-- Task statement --
For the word "ezdxf", search the records and show each line in which it occurs.

(Provided entries Opens)

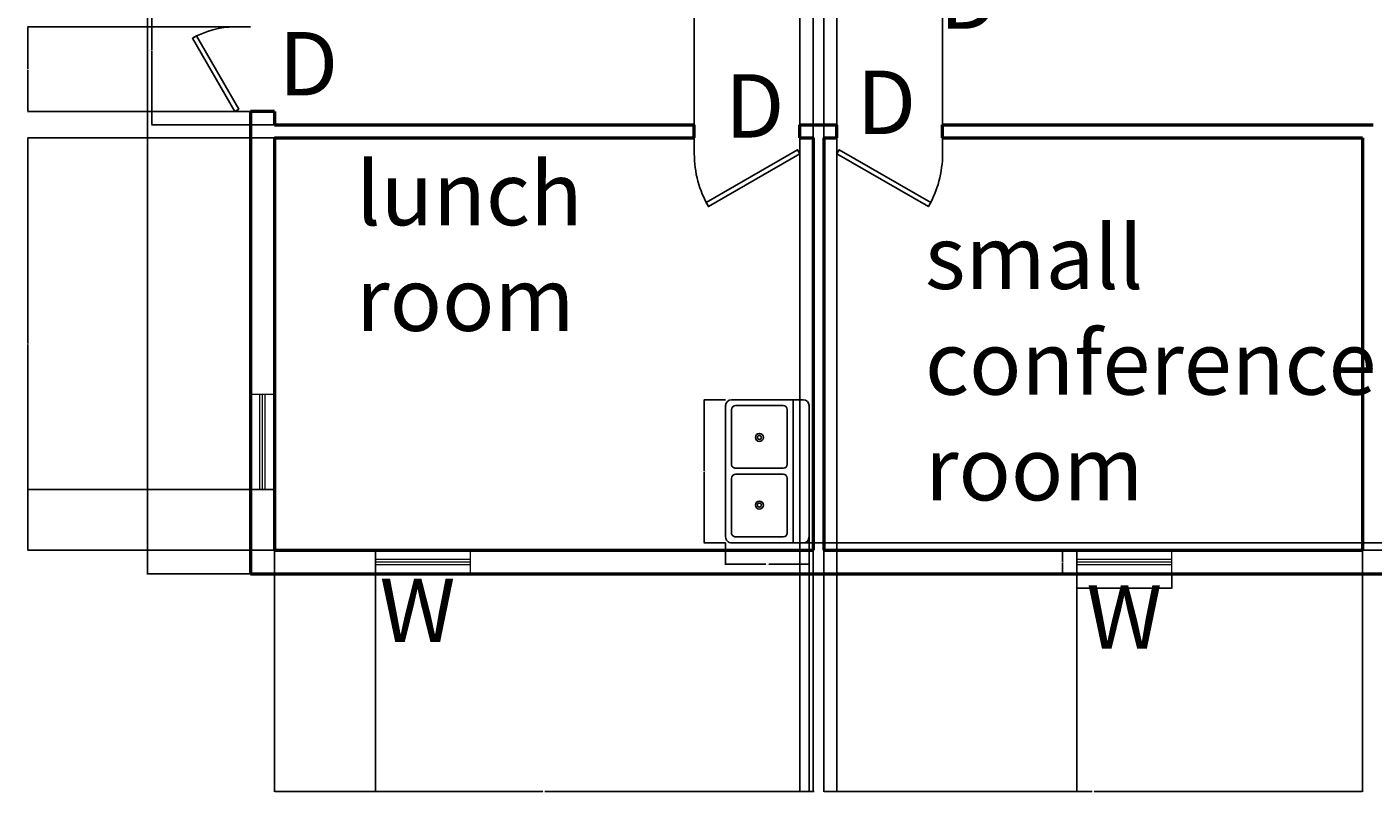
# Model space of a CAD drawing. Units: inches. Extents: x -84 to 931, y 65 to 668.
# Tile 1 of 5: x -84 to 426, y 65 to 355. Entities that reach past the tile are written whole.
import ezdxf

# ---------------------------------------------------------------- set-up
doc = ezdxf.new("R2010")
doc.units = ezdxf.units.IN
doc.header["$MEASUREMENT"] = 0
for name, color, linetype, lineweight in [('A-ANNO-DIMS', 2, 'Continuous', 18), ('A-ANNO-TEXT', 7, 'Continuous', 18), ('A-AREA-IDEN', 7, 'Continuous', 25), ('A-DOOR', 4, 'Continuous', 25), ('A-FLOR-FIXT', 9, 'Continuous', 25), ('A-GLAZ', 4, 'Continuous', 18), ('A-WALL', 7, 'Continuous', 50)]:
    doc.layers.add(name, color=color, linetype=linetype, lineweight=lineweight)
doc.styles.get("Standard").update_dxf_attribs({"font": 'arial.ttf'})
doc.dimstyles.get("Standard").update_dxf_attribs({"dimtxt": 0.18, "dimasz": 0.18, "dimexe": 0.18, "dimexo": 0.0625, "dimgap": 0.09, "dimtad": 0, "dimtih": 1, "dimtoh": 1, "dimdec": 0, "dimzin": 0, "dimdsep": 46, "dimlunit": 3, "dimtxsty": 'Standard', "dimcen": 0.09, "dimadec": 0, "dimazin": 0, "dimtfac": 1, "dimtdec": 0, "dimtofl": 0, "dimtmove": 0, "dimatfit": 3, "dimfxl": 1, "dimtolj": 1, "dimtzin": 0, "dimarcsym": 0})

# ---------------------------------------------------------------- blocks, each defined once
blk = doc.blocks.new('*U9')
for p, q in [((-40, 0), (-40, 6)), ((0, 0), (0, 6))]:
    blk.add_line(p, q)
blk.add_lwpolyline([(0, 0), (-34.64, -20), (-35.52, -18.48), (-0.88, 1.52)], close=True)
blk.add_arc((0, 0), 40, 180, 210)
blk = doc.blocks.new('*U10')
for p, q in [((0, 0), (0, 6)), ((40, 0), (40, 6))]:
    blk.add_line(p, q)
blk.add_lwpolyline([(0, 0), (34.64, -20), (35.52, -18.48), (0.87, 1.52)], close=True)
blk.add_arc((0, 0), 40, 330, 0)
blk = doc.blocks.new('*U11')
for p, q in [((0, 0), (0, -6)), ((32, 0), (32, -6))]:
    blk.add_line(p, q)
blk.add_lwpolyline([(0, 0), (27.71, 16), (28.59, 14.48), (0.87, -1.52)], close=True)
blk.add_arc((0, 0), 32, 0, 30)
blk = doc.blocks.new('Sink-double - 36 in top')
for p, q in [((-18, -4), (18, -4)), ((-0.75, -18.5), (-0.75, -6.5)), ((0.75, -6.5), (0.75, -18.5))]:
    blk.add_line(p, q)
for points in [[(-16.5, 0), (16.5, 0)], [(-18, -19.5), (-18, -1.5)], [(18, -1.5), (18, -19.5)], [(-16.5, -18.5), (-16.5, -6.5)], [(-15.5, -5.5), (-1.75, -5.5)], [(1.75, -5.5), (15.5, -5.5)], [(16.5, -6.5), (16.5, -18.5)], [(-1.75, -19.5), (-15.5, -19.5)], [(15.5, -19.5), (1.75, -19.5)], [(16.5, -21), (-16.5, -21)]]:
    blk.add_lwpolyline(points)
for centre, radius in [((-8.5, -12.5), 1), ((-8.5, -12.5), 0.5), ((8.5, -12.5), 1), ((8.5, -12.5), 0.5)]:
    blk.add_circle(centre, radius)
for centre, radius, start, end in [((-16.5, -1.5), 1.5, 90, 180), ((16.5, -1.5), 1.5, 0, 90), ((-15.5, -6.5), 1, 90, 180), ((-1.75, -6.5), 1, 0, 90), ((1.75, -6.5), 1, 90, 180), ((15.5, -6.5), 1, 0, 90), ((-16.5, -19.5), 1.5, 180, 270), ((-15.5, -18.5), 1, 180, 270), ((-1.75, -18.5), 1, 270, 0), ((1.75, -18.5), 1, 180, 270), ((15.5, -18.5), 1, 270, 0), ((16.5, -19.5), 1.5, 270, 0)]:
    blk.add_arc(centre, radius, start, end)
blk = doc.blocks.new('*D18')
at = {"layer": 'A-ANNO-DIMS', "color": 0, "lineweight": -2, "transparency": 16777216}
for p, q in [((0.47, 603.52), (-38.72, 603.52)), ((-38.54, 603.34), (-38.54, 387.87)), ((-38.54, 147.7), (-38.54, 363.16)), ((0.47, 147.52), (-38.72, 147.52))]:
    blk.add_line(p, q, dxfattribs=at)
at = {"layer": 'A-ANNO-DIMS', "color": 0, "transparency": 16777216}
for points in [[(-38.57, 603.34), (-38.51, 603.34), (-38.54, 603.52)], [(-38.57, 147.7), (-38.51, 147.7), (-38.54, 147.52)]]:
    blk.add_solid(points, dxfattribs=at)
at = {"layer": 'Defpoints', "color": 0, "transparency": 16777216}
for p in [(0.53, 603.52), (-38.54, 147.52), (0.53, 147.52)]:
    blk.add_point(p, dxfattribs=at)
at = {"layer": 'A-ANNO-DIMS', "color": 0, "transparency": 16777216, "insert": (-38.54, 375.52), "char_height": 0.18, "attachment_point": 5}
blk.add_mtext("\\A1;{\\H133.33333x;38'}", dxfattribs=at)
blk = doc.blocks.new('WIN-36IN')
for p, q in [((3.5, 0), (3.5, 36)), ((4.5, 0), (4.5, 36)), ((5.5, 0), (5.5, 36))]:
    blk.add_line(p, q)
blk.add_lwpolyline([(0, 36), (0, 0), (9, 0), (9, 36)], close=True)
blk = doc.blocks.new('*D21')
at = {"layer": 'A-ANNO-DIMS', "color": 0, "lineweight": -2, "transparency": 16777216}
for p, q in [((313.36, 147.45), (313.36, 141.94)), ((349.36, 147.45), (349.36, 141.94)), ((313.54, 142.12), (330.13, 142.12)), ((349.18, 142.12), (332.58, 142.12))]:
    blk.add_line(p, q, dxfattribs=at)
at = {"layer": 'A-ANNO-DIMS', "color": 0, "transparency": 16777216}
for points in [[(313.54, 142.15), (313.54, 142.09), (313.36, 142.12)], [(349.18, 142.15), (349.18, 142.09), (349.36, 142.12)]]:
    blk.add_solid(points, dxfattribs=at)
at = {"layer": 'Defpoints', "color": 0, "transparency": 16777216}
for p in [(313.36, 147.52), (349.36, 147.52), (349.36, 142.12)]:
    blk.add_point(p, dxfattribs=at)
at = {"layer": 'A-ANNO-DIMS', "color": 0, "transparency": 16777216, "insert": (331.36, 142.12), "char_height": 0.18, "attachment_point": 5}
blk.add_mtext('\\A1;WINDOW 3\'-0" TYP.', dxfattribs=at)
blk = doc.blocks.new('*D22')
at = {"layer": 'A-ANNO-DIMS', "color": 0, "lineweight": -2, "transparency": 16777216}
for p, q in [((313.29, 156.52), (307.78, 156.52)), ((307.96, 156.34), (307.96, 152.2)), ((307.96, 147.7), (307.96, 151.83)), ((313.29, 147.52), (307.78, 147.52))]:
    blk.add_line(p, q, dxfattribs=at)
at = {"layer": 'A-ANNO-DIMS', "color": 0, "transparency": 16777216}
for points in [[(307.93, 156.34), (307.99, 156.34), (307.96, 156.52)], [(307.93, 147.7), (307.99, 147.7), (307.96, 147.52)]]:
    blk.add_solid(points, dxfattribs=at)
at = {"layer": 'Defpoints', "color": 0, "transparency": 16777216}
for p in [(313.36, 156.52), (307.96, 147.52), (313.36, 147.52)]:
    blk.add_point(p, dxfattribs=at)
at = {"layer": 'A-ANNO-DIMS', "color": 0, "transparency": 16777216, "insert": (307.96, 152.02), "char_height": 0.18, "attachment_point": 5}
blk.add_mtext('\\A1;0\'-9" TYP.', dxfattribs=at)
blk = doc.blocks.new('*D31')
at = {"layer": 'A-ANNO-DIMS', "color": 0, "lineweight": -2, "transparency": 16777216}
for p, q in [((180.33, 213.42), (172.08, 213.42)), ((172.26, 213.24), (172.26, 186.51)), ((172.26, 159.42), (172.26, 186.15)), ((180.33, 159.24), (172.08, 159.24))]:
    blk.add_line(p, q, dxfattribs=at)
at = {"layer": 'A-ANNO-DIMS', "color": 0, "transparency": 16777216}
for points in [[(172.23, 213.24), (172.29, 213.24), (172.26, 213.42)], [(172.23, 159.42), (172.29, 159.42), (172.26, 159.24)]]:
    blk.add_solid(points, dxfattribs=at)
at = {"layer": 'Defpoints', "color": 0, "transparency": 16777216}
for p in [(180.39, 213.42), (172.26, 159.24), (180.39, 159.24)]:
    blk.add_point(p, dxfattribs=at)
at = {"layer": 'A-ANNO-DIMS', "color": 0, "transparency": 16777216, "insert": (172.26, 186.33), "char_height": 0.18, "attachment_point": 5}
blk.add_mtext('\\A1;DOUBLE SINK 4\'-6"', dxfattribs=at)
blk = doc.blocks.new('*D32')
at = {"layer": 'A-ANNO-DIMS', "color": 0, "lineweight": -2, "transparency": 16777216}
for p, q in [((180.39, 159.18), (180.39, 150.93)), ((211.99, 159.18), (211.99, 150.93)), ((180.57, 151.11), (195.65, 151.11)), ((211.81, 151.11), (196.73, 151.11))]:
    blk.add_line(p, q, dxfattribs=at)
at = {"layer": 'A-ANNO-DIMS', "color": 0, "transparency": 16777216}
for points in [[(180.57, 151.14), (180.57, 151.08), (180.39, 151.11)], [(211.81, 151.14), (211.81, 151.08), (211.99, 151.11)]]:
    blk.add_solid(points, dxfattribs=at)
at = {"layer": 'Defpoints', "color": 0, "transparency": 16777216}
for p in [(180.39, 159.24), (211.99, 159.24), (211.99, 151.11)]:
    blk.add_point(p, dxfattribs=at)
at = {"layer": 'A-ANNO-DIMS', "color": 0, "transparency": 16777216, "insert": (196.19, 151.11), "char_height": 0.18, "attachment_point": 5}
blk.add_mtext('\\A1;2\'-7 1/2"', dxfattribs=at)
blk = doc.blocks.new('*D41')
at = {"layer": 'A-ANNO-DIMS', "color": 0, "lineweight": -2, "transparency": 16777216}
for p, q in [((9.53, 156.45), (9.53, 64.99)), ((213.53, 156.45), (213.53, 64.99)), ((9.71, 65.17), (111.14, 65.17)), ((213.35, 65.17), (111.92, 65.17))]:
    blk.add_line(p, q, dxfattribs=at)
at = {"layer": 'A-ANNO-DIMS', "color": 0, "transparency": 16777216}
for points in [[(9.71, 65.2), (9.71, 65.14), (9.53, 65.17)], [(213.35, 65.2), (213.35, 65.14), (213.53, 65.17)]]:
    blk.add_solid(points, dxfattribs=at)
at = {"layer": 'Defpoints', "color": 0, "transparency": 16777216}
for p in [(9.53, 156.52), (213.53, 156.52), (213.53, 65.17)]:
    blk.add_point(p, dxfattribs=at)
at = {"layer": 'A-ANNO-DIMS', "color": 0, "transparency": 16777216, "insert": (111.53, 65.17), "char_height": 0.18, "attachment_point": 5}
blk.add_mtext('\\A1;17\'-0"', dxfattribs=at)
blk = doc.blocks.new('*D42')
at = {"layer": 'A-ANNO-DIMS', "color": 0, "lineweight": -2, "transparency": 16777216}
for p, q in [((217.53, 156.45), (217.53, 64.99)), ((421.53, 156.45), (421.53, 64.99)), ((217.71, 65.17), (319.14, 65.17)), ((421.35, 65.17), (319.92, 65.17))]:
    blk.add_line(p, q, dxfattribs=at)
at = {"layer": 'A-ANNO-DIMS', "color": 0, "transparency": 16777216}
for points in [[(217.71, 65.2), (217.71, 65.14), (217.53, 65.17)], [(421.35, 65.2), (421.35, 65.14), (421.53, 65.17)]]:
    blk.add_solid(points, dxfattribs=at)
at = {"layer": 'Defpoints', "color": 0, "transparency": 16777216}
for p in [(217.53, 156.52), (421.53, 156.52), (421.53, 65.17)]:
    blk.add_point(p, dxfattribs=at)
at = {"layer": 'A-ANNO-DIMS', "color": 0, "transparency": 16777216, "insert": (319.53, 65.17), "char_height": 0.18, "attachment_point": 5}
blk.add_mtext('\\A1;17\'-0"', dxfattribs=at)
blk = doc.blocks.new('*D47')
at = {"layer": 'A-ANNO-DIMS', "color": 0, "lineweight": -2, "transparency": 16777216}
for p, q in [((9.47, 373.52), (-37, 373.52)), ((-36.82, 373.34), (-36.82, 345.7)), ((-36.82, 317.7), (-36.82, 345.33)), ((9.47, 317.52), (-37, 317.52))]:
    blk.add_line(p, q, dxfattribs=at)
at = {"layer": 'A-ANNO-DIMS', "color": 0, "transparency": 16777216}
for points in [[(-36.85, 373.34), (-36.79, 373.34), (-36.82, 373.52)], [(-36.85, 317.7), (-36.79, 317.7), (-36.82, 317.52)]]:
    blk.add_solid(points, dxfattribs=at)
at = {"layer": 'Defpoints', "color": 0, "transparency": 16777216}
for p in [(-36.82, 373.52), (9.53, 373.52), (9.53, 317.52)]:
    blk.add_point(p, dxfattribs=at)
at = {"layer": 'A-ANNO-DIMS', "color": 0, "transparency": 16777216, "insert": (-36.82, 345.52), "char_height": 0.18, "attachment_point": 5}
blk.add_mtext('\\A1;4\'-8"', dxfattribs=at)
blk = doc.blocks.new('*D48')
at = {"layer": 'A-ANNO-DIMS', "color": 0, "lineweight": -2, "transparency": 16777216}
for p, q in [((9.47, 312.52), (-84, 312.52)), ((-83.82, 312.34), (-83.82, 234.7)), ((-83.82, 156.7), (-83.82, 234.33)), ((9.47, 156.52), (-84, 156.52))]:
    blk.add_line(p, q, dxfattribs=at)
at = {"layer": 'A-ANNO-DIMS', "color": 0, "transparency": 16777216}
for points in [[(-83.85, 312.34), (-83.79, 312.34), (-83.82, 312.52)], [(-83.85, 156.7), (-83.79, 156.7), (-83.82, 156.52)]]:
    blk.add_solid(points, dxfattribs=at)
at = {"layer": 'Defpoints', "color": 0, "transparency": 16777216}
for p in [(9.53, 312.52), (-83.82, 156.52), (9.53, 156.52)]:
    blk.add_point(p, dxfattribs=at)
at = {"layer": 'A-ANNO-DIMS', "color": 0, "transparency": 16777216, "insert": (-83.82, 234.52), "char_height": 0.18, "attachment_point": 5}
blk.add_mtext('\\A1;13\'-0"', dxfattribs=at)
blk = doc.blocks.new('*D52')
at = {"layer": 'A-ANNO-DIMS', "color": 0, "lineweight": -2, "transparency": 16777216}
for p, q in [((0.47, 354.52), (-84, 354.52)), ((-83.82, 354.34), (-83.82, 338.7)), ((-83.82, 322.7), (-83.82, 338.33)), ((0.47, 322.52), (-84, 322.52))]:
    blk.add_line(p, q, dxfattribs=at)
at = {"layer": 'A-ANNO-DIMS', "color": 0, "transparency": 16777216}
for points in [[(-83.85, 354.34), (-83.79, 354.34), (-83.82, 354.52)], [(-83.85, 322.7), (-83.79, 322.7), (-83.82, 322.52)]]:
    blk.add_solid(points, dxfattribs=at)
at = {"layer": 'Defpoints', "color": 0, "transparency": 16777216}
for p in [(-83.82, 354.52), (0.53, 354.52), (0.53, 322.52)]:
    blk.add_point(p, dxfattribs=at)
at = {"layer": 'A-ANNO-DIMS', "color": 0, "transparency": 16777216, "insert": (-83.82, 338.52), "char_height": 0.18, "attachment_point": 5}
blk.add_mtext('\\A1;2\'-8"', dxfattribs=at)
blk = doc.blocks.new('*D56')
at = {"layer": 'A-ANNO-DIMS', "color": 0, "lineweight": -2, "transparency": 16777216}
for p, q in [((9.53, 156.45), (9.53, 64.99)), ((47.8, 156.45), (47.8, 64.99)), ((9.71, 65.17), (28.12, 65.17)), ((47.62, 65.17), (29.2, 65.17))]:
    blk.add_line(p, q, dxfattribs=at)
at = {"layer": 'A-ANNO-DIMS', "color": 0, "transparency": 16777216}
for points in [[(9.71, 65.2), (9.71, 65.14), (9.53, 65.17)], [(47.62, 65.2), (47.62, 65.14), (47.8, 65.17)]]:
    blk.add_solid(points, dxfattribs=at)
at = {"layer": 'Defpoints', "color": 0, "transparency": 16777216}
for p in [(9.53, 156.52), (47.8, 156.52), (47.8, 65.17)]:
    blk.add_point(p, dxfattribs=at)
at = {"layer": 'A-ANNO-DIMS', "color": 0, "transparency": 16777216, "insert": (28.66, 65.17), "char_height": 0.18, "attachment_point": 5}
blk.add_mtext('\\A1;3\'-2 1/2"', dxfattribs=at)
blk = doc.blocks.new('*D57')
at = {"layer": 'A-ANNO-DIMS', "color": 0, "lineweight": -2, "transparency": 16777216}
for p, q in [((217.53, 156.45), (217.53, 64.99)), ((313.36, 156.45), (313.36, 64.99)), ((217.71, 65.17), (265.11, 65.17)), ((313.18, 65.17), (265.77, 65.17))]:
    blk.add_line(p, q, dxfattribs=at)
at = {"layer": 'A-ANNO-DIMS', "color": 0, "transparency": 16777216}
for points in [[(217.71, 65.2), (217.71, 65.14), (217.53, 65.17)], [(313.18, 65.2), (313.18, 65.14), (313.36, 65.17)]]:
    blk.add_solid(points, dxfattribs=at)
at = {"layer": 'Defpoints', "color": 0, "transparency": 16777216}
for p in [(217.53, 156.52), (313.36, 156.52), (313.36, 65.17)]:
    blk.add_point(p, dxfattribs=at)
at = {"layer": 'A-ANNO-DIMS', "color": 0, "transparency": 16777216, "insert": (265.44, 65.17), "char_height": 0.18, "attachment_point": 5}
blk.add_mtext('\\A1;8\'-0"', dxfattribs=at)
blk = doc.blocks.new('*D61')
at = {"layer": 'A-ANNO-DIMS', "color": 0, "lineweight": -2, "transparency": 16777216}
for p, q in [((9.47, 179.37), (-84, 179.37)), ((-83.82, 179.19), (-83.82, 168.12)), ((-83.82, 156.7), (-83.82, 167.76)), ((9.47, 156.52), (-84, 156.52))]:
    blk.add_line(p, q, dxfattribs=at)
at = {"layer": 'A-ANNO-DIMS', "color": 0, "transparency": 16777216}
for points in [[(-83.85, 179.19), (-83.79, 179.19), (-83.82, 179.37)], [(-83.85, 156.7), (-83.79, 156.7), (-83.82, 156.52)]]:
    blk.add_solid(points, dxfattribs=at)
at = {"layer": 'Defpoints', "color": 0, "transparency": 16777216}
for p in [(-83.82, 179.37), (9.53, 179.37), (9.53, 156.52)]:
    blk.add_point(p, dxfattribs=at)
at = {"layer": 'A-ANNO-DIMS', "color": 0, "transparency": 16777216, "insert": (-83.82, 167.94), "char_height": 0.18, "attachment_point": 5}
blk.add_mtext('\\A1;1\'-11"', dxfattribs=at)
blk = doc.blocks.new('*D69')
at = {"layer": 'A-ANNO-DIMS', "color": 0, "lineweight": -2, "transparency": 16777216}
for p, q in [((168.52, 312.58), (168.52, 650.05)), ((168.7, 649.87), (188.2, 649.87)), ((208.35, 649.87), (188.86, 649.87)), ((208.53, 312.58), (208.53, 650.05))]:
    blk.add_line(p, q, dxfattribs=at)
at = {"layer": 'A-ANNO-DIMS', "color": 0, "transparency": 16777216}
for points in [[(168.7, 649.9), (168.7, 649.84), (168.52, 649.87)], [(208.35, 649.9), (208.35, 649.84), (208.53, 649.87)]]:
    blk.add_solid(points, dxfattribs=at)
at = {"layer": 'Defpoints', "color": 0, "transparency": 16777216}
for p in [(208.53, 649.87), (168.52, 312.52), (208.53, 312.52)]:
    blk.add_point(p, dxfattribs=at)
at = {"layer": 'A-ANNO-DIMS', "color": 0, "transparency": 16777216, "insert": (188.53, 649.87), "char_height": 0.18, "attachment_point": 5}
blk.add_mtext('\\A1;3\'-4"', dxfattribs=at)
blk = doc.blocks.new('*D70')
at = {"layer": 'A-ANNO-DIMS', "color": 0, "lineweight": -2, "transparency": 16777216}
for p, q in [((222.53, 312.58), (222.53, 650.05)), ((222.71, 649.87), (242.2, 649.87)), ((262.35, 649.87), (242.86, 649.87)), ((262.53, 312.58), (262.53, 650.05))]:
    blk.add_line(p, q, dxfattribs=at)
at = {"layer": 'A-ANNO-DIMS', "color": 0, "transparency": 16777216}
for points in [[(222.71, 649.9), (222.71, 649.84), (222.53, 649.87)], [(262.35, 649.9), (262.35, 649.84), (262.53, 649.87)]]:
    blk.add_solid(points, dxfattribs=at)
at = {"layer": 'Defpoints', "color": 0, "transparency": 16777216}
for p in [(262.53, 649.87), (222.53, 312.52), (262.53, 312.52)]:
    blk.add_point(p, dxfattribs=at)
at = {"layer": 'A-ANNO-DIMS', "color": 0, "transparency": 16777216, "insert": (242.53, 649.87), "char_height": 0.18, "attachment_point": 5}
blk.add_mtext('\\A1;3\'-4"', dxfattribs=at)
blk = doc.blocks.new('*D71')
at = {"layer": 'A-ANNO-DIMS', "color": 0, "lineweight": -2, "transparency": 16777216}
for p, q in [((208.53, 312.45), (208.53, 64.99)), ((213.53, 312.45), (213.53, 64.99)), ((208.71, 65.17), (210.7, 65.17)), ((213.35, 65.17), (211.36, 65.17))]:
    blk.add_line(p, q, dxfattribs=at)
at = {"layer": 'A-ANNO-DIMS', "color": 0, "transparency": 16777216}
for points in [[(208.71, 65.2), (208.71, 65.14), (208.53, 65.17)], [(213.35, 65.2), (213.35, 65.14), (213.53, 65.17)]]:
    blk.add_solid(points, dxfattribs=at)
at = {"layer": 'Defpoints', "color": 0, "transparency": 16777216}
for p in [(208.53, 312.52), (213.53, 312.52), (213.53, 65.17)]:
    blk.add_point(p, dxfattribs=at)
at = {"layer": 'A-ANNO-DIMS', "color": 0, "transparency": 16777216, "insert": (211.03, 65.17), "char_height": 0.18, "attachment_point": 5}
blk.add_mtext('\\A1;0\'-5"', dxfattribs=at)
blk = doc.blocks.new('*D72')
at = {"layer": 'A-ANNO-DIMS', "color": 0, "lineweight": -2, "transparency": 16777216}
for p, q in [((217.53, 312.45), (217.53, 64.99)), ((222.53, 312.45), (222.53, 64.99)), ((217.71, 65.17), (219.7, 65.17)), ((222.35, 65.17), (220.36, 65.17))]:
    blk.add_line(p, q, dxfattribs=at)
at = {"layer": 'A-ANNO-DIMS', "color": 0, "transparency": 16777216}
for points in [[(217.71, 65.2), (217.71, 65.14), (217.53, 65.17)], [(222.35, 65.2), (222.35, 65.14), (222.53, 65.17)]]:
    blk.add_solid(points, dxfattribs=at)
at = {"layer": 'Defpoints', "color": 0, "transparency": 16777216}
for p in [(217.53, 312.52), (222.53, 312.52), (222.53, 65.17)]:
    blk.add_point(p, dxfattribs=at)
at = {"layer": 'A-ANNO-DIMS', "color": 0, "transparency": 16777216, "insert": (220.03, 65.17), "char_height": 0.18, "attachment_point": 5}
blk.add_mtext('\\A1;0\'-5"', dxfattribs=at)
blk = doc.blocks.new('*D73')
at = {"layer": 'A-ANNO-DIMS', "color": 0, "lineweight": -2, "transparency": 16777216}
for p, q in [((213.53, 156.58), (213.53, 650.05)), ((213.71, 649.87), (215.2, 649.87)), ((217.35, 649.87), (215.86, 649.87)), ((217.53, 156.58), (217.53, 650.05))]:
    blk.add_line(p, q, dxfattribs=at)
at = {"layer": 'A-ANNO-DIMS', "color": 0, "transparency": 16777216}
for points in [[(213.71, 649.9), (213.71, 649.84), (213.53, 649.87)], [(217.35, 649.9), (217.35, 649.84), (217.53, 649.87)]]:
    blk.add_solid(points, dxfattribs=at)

(Provided entries Closes)

-- Exercise output --
import ezdxf
doc = ezdxf.new("R2010")
doc.units = ezdxf.units.IN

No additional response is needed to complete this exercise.